Looking through the listing that follows, count the lines that contain "layers" and give only that number.

↓

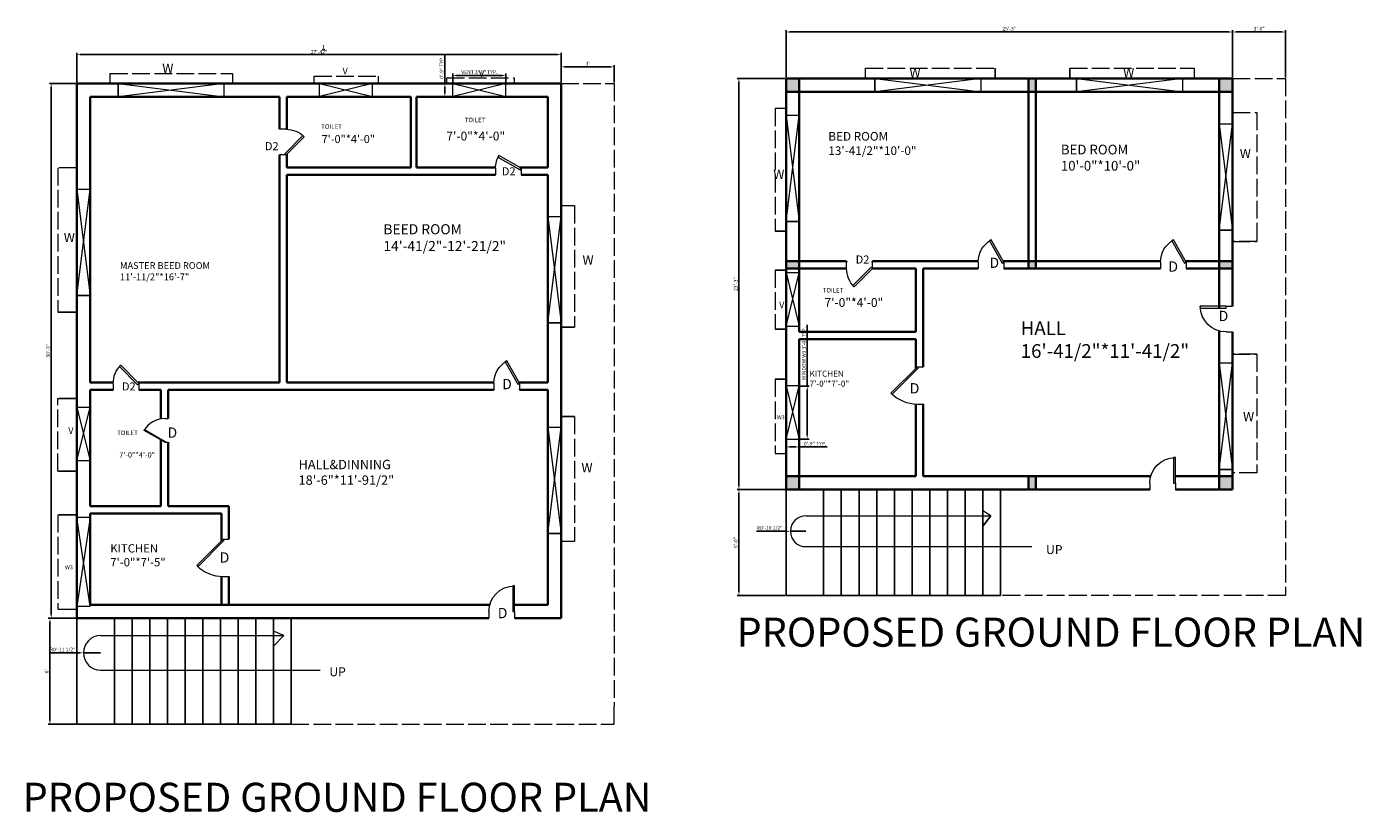
# Model space of a CAD drawing. Units: millimetres. Extents: x 3312 to 4717, y 967 to 1587.
# Tile 2 of 2: x 3811 to 4717, y 1054 to 1587. Entities that reach past the tile are written whole.
import ezdxf

# ---------------------------------------------------------------- set-up
doc = ezdxf.new("R2010")
doc.units = ezdxf.units.MM
doc.linetypes.add('ACAD_ISO02W100', pattern=[15, 12, -3])
for name, color, linetype, lineweight, true_color in [('A-ANNO-DIMS', 116, 'Continuous', 18, 0x136734), ('A-ANNO-IDEN', 116, 'Continuous', 18, 0x136734), ('A-ANNO-SYMB', 219, 'Continuous', 18, 0x642165), ('A-ANNO-TEXT', 55, 'Continuous', 18, 0x999b37), ('A-ANNO-TITL', 116, 'Continuous', 35, 0x136734), ('A-AREA-IDEN', 244, 'Continuous', 18, 0x991b1e), ('A-GLAZ', 219, 'Continuous', 18, 0x642165), ('A-GLAZ-OVHD', 67, 'ACAD_ISO02W100', 13, 0x727430), ('C-PROP', 67, 'ACAD_ISO02W100', 18, 0x727430)]:
    doc.layers.add(name, color=color, linetype=linetype, lineweight=lineweight, true_color=true_color)
for name, color, linetype, lineweight in [('A-COLS', 7, 'Continuous', 35), ('A-COLS-PATT', 7, 'Continuous', 13), ('A-DOOR', 4, 'Continuous', 18), ('A-FLOR-STRS', 7, 'Continuous', 25), ('A-WALL', 7, 'Continuous', 35)]:
    doc.layers.add(name, color=color, linetype=linetype, lineweight=lineweight)
doc.styles.get("Standard").update_dxf_attribs({"font": 'arial.ttf'})
doc.dimstyles.new('ISO-25', dxfattribs={"dimtxt": 2.5, "dimasz": 2.5, "dimexe": 1.25, "dimexo": 0.625, "dimtad": 1, "dimdec": 3, "dimlunit": 4, "dimtxsty": 'Standard', "dimcen": 2.5, "dimadec": 0, "dimazin": 0, "dimtfac": 1, "dimtdec": 3, "dimtmove": 0, "dimatfit": 3, "dimfxl": 1, "dimarcsym": 0})

# ---------------------------------------------------------------- blocks, each defined once
blk = doc.blocks.new('*U2')
for p, q in [((0, 0), (0, -6)), ((24, 0), (24, -6))]:
    blk.add_line(p, q)
blk.add_lwpolyline([(0, 0), (0, 24), (1.75, 24), (1.75, 0)], close=True)
blk.add_arc((0, 0), 24, 0, 90)
blk = doc.blocks.new('*U13')
for p, q in [((0, 0), (0, -6)), ((24, 0), (24, -6))]:
    blk.add_line(p, q)
blk.add_lwpolyline([(0, 0), (12, 20.8), (13.5, 19.9), (1.5, -0.9)], close=True)
blk.add_arc((0, 0), 24, 0, 60)
blk = doc.blocks.new('*U15')
for p, q in [((0, 0), (0, -6)), ((24, 0), (24, -6))]:
    blk.add_line(p, q)
blk.add_lwpolyline([(0, 0), (20.8, 12), (21.7, 10.5), (0.9, -1.5)], close=True)
blk.add_arc((0, 0), 24, 0, 30)
blk = doc.blocks.new('*U6')
for p, q in [((0, 0), (0, 6)), ((40, 0), (40, 6))]:
    blk.add_line(p, q)
blk.add_lwpolyline([(0, 0), (28.3, -28.3), (29.5, -27), (1.2, 1.2)], close=True)
blk.add_arc((0, 0), 40, 315, 360)
blk = doc.blocks.new('*U14')
for p, q in [((0, 0), (0, -6)), ((24, 0), (24, -6))]:
    blk.add_line(p, q)
blk.add_lwpolyline([(0, 0), (17, 17), (18.2, 15.7), (1.2, -1.2)], close=True)
blk.add_arc((0, 0), 24, 0, 45)
blk = doc.blocks.new('*U7')
for p, q in [((0, 0), (0, -6)), ((40, 0), (40, -6))]:
    blk.add_line(p, q)
blk.add_lwpolyline([(0, 0), (20, 34.6), (21.5, 33.8), (1.5, -0.9)], close=True)
blk.add_arc((0, 0), 40, 0, 60)
blk = doc.blocks.new('*D16')
at = {"layer": 'A-ANNO-DIMS', "color": 0, "lineweight": -2, "transparency": 16777216}
for p, q in [((4174.05, 1549.21), (4174.05, 1561.11)), ((4176.55, 1559.86), (4207.55, 1559.86)), ((4210.05, 1549.21), (4210.05, 1561.11))]:
    blk.add_line(p, q, dxfattribs=at)
at = {"layer": 'A-ANNO-DIMS', "color": 0, "lineweight": 5, "transparency": 16777216}
for points in [[(4176.55, 1560.28), (4176.55, 1559.45), (4174.05, 1559.86)], [(4207.55, 1560.28), (4207.55, 1559.45), (4210.05, 1559.86)]]:
    blk.add_solid(points, dxfattribs=at)
at = {"layer": 'Defpoints', "color": 0, "lineweight": 5, "transparency": 16777216}
for p in [(4210.05, 1559.86), (4174.05, 1548.59), (4210.05, 1548.59)]:
    blk.add_point(p, dxfattribs=at)
at = {"layer": 'A-ANNO-DIMS', "color": 0, "transparency": 16777216, "insert": (4192.05, 1561.76), "char_height": 2.5, "attachment_point": 5}
blk.add_mtext("3'", dxfattribs=at)
blk = doc.blocks.new('*D17')
at = {"layer": 'A-ANNO-DIMS', "color": 0, "lineweight": -2, "transparency": 16777216}
for p, q in [((3845.55, 1549.21), (3845.55, 1569.4)), ((4171.55, 1568.15), (3848.05, 1568.15)), ((4174.05, 1549.21), (4174.05, 1569.4))]:
    blk.add_line(p, q, dxfattribs=at)
at = {"layer": 'A-ANNO-DIMS', "color": 0, "lineweight": 5, "transparency": 16777216}
for points in [[(3848.05, 1568.56), (3848.05, 1567.73), (3845.55, 1568.15)], [(4171.55, 1568.56), (4171.55, 1567.73), (4174.05, 1568.15)]]:
    blk.add_solid(points, dxfattribs=at)
at = {"layer": 'Defpoints', "color": 0, "lineweight": 5, "transparency": 16777216}
for p in [(3845.55, 1568.15), (3845.55, 1548.59), (4174.05, 1548.59)]:
    blk.add_point(p, dxfattribs=at)
at = {"layer": 'A-ANNO-DIMS', "color": 0, "transparency": 16777216, "insert": (4009.8, 1571.7), "char_height": 2.5, "attachment_point": 5}
blk.add_mtext('27\'-4{\\H1x;\\S1/2;}"', dxfattribs=at)
blk = doc.blocks.new('*D18')
at = {"layer": 'A-ANNO-DIMS', "color": 0, "lineweight": -2, "transparency": 16777216}
for p, q in [((3844.92, 1548.59), (3826.85, 1548.59)), ((3828.1, 1546.09), (3828.1, 1188.09)), ((3844.92, 1185.59), (3826.85, 1185.59))]:
    blk.add_line(p, q, dxfattribs=at)
at = {"layer": 'A-ANNO-DIMS', "color": 0, "lineweight": 5, "transparency": 16777216}
for points in [[(3827.69, 1546.09), (3828.52, 1546.09), (3828.1, 1548.59)], [(3827.69, 1188.09), (3828.52, 1188.09), (3828.1, 1185.59)]]:
    blk.add_solid(points, dxfattribs=at)
at = {"layer": 'Defpoints', "color": 0, "lineweight": 5, "transparency": 16777216}
for p in [(3845.55, 1548.59), (3828.1, 1185.59), (3845.55, 1185.59)]:
    blk.add_point(p, dxfattribs=at)
at = {"layer": 'A-ANNO-DIMS', "color": 0, "transparency": 16777216, "insert": (3826.2, 1367.09), "char_height": 2.5, "attachment_point": 5, "rotation": 90}
blk.add_mtext('30\'-3"', dxfattribs=at)
blk = doc.blocks.new('*D19')
at = {"layer": 'A-ANNO-DIMS', "color": 0, "lineweight": -2, "transparency": 16777216}
for p, q in [((3844.92, 1185.59), (3825.98, 1185.59)), ((3827.23, 1183.09), (3827.23, 1116.09)), ((3844.92, 1113.59), (3825.98, 1113.59))]:
    blk.add_line(p, q, dxfattribs=at)
at = {"layer": 'A-ANNO-DIMS', "color": 0, "lineweight": 5, "transparency": 16777216}
for points in [[(3826.82, 1183.09), (3827.65, 1183.09), (3827.23, 1185.59)], [(3826.82, 1116.09), (3827.65, 1116.09), (3827.23, 1113.59)]]:
    blk.add_solid(points, dxfattribs=at)
at = {"layer": 'Defpoints', "color": 0, "lineweight": 5, "transparency": 16777216}
for p in [(3845.55, 1185.59), (3827.23, 1113.59), (3845.55, 1113.59)]:
    blk.add_point(p, dxfattribs=at)
at = {"layer": 'A-ANNO-DIMS', "color": 0, "transparency": 16777216, "insert": (3825.33, 1149.59), "char_height": 2.5, "attachment_point": 5, "rotation": 90}
blk.add_mtext("6'", dxfattribs=at)
blk = doc.blocks.new('*U21')
for p, q in [((0, 0), (0, -6)), ((24, 0), (24, -6))]:
    blk.add_line(p, q)
blk.add_lwpolyline([(0, 0), (0, 24), (1.75, 24), (1.75, 0)], close=True)
blk.add_arc((0, 0), 24, 0, 90)
blk = doc.blocks.new('*U20')
for p, q in [((0, 0), (0, 6)), ((24, 0), (24, 6))]:
    blk.add_line(p, q)
blk.add_lwpolyline([(0, 0), (17, -17), (18.2, -15.7), (1.2, 1.2)], close=True)
blk.add_arc((0, 0), 24, 315, 0)
blk = doc.blocks.new('WIN-STANDARD')
for p, q in [((0, 72), (0, 0)), ((0, 0), (9, 72)), ((9, 72), (0, 72)), ((0, 72), (9, 0)), ((9, 0), (9, 72)), ((0, 0), (9, 0)), ((9, 0), (0, 0))]:
    blk.add_line(p, q)
blk = doc.blocks.new('GLAZ-NARROW')
for p, q in [((9, 35.99), (0.01, 35.99)), ((0.01, 35.99), (0.01, 0)), ((0.01, 0), (9, 35.99)), ((0.07, 35.99), (9, 0)), ((9, 0), (9, 35.99)), ((0, 0), (9, 0))]:
    blk.add_line(p, q)
blk = doc.blocks.new('VENT-PLAN')
for p, q in [((36, 9.18), (0, 9.18)), ((36, 9.18), (0, 0.18)), ((0, 0.18), (0, 9.18)), ((0, 9.18), (36, 0.18)), ((36, 0), (36, 9.18)), ((0, 0.18), (36, 0.18))]:
    blk.add_line(p, q)
blk = doc.blocks.new('STAIR-ENTRY-FLIGHT')
for p, q in [((0, 72), (0, 0)), ((145.5, 72), (0, 72)), ((25.5, 0), (25.5, 72)), ((37.5, 0), (37.5, 72)), ((49.5, 0), (49.5, 72)), ((61.5, 0), (61.5, 72)), ((73.5, 0), (73.5, 72)), ((85.5, 0), (85.5, 72)), ((97.5, 0), (97.5, 72)), ((109.5, 0), (109.5, 72)), ((121.5, 0), (121.5, 72)), ((133.5, 0), (133.5, 72)), ((145.5, 0), (145.5, 72)), ((0, 0), (145.5, 0))]:
    blk.add_line(p, q)
blk = doc.blocks.new('*D28')
at = {"layer": 'A-ANNO-DIMS', "color": 0, "lineweight": -2, "transparency": 16777216}
for p, q in [((4341.03, 1343.2), (4341.03, 1384.8)), ((4336.26, 1343.2), (4342.28, 1343.2)), ((4341.03, 1309.72), (4341.03, 1340.7)), ((4336.26, 1307.22), (4342.28, 1307.22))]:
    blk.add_line(p, q, dxfattribs=at)
at = {"layer": 'A-ANNO-DIMS', "color": 0, "lineweight": 5, "transparency": 16777216}
for points in [[(4340.61, 1340.7), (4341.45, 1340.7), (4341.03, 1343.2)], [(4340.61, 1309.72), (4341.45, 1309.72), (4341.03, 1307.22)]]:
    blk.add_solid(points, dxfattribs=at)
at = {"layer": 'Defpoints', "color": 0, "lineweight": 5, "transparency": 16777216}
for p in [(4335.63, 1343.2), (4341.03, 1343.2), (4335.63, 1307.22)]:
    blk.add_point(p, dxfattribs=at)
at = {"layer": 'A-ANNO-DIMS', "color": 0, "transparency": 16777216, "insert": (4339.11, 1365.25), "char_height": 2.5, "attachment_point": 5, "rotation": 90}
blk.add_mtext('WINDOW W3 3\'-0" TYP.', dxfattribs=at)
blk = doc.blocks.new('*D29')
at = {"layer": 'A-ANNO-DIMS', "color": 0, "lineweight": -2, "transparency": 16777216}
for p, q in [((4326.63, 1306.59), (4326.63, 1300.57)), ((4335.63, 1306.59), (4335.63, 1300.57)), ((4329.13, 1301.82), (4333.13, 1301.82)), ((4335.63, 1301.82), (4354.62, 1301.82))]:
    blk.add_line(p, q, dxfattribs=at)
at = {"layer": 'A-ANNO-DIMS', "color": 0, "lineweight": 5, "transparency": 16777216}
for points in [[(4329.13, 1302.24), (4329.13, 1301.4), (4326.63, 1301.82)], [(4333.13, 1302.24), (4333.13, 1301.4), (4335.63, 1301.82)]]:
    blk.add_solid(points, dxfattribs=at)
at = {"layer": 'Defpoints', "color": 0, "lineweight": 5, "transparency": 16777216}
for p in [(4326.63, 1307.22), (4335.63, 1307.22), (4335.63, 1301.82)]:
    blk.add_point(p, dxfattribs=at)
at = {"layer": 'A-ANNO-DIMS', "color": 0, "transparency": 16777216, "insert": (4346.38, 1303.72), "char_height": 2.5, "attachment_point": 5}
blk.add_mtext('0\'-9" TYP.', dxfattribs=at)
blk = doc.blocks.new('*D30')
at = {"layer": 'A-ANNO-DIMS', "color": 0, "lineweight": -2, "transparency": 16777216}
for p, q in [((4100.58, 1549.24), (4100.58, 1555.27)), ((4103.08, 1554.02), (4134.08, 1554.02)), ((4136.58, 1549.24), (4136.58, 1555.27))]:
    blk.add_line(p, q, dxfattribs=at)
at = {"layer": 'A-ANNO-DIMS', "color": 0, "lineweight": 5, "transparency": 16777216}
for points in [[(4103.08, 1554.44), (4103.08, 1553.6), (4100.58, 1554.02)], [(4134.08, 1554.44), (4134.08, 1553.6), (4136.58, 1554.02)]]:
    blk.add_solid(points, dxfattribs=at)
at = {"layer": 'Defpoints', "color": 0, "lineweight": 5, "transparency": 16777216}
for p in [(4100.58, 1548.62), (4136.58, 1554.02), (4136.58, 1548.62)]:
    blk.add_point(p, dxfattribs=at)
at = {"layer": 'A-ANNO-DIMS', "color": 0, "transparency": 16777216, "insert": (4118.58, 1555.92), "char_height": 2.5, "attachment_point": 5}
blk.add_mtext('VENT 3\'-0" TYP.', dxfattribs=at)
blk = doc.blocks.new('*D31')
at = {"layer": 'A-ANNO-DIMS', "color": 0, "lineweight": -2, "transparency": 16777216}
for p, q in [((4095.18, 1548.62), (4095.18, 1567.61)), ((4099.95, 1548.62), (4093.93, 1548.62)), ((4099.95, 1539.44), (4093.93, 1539.44)), ((4095.18, 1541.94), (4095.18, 1546.12))]:
    blk.add_line(p, q, dxfattribs=at)
at = {"layer": 'A-ANNO-DIMS', "color": 0, "lineweight": 5, "transparency": 16777216}
for points in [[(4094.76, 1546.12), (4095.59, 1546.12), (4095.18, 1548.62)], [(4094.76, 1541.94), (4095.59, 1541.94), (4095.18, 1539.44)]]:
    blk.add_solid(points, dxfattribs=at)
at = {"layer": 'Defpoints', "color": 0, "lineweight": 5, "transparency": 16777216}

↑

- **Response area**
2